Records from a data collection
__________

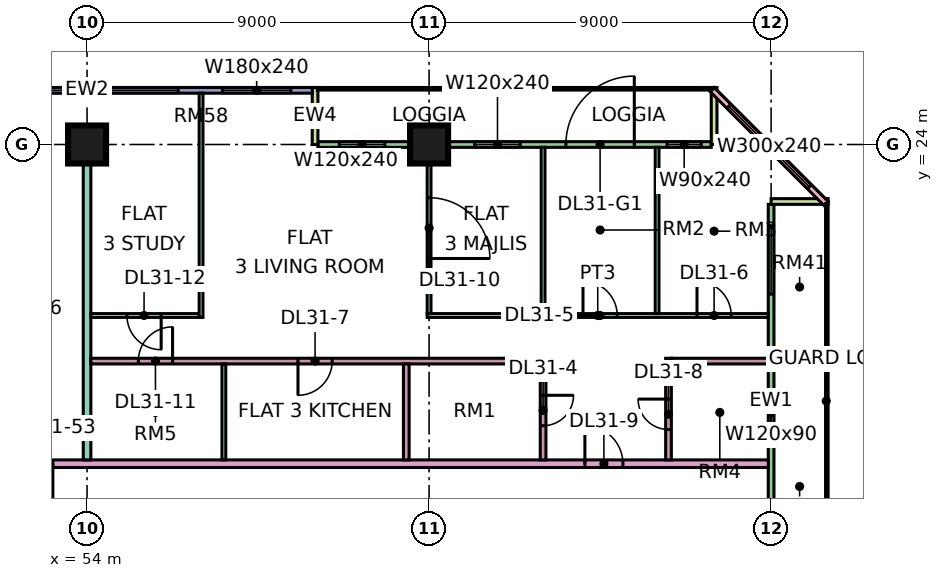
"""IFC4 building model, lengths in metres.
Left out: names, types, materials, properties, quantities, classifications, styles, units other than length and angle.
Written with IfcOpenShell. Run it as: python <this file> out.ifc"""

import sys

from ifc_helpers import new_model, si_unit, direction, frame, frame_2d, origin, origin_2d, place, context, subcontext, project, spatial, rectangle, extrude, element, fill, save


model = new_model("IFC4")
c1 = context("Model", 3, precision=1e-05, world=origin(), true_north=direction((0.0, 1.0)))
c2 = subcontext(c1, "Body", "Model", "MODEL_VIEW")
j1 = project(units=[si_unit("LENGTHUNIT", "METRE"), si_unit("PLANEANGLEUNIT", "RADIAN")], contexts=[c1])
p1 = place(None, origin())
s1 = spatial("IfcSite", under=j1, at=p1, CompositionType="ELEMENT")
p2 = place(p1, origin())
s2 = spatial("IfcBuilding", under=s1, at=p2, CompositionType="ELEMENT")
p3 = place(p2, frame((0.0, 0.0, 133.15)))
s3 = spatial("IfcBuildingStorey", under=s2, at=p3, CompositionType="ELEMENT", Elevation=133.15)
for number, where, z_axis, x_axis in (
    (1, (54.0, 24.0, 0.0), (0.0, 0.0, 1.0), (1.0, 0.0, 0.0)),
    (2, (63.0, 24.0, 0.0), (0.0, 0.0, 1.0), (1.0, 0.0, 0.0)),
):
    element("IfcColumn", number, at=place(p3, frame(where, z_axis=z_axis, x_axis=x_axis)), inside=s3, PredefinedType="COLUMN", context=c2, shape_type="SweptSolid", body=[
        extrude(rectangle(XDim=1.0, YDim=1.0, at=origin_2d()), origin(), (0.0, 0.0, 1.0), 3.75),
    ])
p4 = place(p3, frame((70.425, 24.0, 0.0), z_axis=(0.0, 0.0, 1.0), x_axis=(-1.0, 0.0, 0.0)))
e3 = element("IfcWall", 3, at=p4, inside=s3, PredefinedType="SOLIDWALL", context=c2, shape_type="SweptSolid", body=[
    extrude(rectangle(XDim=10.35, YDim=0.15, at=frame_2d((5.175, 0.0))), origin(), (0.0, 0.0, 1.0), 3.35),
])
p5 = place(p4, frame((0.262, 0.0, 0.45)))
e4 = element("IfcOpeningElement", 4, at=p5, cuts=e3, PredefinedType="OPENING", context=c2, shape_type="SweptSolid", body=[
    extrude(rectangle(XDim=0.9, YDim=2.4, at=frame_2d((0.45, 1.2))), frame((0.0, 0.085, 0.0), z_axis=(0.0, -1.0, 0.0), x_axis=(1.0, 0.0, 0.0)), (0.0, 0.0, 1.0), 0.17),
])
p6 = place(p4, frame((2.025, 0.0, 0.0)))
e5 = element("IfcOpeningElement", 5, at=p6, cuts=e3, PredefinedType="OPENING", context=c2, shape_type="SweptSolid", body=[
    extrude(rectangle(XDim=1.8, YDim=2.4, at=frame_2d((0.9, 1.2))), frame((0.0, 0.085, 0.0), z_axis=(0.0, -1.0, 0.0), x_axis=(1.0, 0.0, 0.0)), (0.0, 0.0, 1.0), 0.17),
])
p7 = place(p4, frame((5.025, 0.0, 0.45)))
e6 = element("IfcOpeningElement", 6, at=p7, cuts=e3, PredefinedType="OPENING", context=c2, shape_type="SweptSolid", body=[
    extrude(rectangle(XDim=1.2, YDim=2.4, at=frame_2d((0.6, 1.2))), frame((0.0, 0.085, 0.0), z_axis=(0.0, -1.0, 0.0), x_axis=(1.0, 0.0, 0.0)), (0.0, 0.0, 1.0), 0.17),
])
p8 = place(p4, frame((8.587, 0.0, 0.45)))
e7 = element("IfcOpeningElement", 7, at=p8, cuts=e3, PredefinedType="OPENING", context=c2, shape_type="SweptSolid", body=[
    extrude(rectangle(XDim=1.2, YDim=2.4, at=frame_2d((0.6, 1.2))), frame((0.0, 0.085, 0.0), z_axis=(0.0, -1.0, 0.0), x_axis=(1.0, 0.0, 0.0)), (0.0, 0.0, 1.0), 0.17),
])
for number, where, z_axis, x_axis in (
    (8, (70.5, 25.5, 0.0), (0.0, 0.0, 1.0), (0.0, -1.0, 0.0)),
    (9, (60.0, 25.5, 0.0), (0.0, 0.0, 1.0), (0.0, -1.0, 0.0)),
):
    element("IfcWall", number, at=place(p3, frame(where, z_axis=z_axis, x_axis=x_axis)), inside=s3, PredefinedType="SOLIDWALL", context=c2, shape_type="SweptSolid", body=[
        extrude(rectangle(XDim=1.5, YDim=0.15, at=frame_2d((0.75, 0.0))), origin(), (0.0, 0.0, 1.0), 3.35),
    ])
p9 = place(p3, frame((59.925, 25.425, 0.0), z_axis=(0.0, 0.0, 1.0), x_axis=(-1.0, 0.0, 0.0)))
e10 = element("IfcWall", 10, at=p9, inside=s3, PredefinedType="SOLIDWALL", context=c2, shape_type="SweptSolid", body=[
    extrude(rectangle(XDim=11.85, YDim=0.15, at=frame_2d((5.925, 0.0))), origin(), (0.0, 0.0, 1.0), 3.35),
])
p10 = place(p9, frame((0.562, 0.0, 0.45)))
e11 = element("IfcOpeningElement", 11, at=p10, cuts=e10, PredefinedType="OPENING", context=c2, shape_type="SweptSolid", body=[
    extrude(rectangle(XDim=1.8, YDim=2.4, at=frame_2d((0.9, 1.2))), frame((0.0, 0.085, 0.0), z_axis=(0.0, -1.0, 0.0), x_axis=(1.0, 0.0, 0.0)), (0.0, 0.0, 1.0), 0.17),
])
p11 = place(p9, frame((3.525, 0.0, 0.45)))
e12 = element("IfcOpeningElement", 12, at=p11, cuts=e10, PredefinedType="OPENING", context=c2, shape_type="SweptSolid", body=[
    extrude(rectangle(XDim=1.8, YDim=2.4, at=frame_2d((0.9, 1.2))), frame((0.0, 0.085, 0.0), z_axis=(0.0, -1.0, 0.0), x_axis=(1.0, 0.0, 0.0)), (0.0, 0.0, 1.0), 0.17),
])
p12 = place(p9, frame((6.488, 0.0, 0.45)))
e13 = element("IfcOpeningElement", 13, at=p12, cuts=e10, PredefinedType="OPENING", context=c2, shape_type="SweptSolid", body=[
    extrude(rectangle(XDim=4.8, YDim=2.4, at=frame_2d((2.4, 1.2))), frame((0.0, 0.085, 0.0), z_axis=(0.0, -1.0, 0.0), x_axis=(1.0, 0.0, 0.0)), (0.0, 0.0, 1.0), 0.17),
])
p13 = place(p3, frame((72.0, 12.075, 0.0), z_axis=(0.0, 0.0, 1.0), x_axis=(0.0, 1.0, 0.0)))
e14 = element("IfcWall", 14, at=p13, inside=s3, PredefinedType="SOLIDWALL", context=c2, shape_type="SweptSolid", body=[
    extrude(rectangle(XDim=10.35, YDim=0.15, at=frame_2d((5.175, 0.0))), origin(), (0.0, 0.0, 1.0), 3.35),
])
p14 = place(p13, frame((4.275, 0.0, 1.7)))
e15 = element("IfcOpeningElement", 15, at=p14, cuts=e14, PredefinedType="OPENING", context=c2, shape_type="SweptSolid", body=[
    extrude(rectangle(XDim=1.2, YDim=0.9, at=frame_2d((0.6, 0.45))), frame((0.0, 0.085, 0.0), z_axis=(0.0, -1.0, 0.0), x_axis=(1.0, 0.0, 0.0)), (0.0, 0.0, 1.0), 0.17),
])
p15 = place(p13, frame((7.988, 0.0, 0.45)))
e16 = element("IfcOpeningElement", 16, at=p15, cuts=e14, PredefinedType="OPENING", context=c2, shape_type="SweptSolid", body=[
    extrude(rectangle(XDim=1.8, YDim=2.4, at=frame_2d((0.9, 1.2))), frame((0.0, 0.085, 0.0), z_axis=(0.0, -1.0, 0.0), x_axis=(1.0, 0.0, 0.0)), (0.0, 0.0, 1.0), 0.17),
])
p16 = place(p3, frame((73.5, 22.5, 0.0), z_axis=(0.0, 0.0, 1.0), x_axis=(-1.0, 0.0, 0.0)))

__________

### Exercise brief:
Could you reproduce exactly the lines of the entries above, from the one with "p10 = place(p9, frame((0.562, 0.0, 0.45)))" through the one with "p11 = place(p9, frame((3.525, 0.0, 0.45)))", and nothing else?

### Answer space:
p10 = place(p9, frame((0.562, 0.0, 0.45)))
e11 = element("IfcOpeningElement", 11, at=p10, cuts=e10, PredefinedType="OPENING", context=c2, shape_type="SweptSolid", body=[
    extrude(rectangle(XDim=1.8, YDim=2.4, at=frame_2d((0.9, 1.2))), frame((0.0, 0.085, 0.0), z_axis=(0.0, -1.0, 0.0), x_axis=(1.0, 0.0, 0.0)), (0.0, 0.0, 1.0), 0.17),
])
p11 = place(p9, frame((3.525, 0.0, 0.45)))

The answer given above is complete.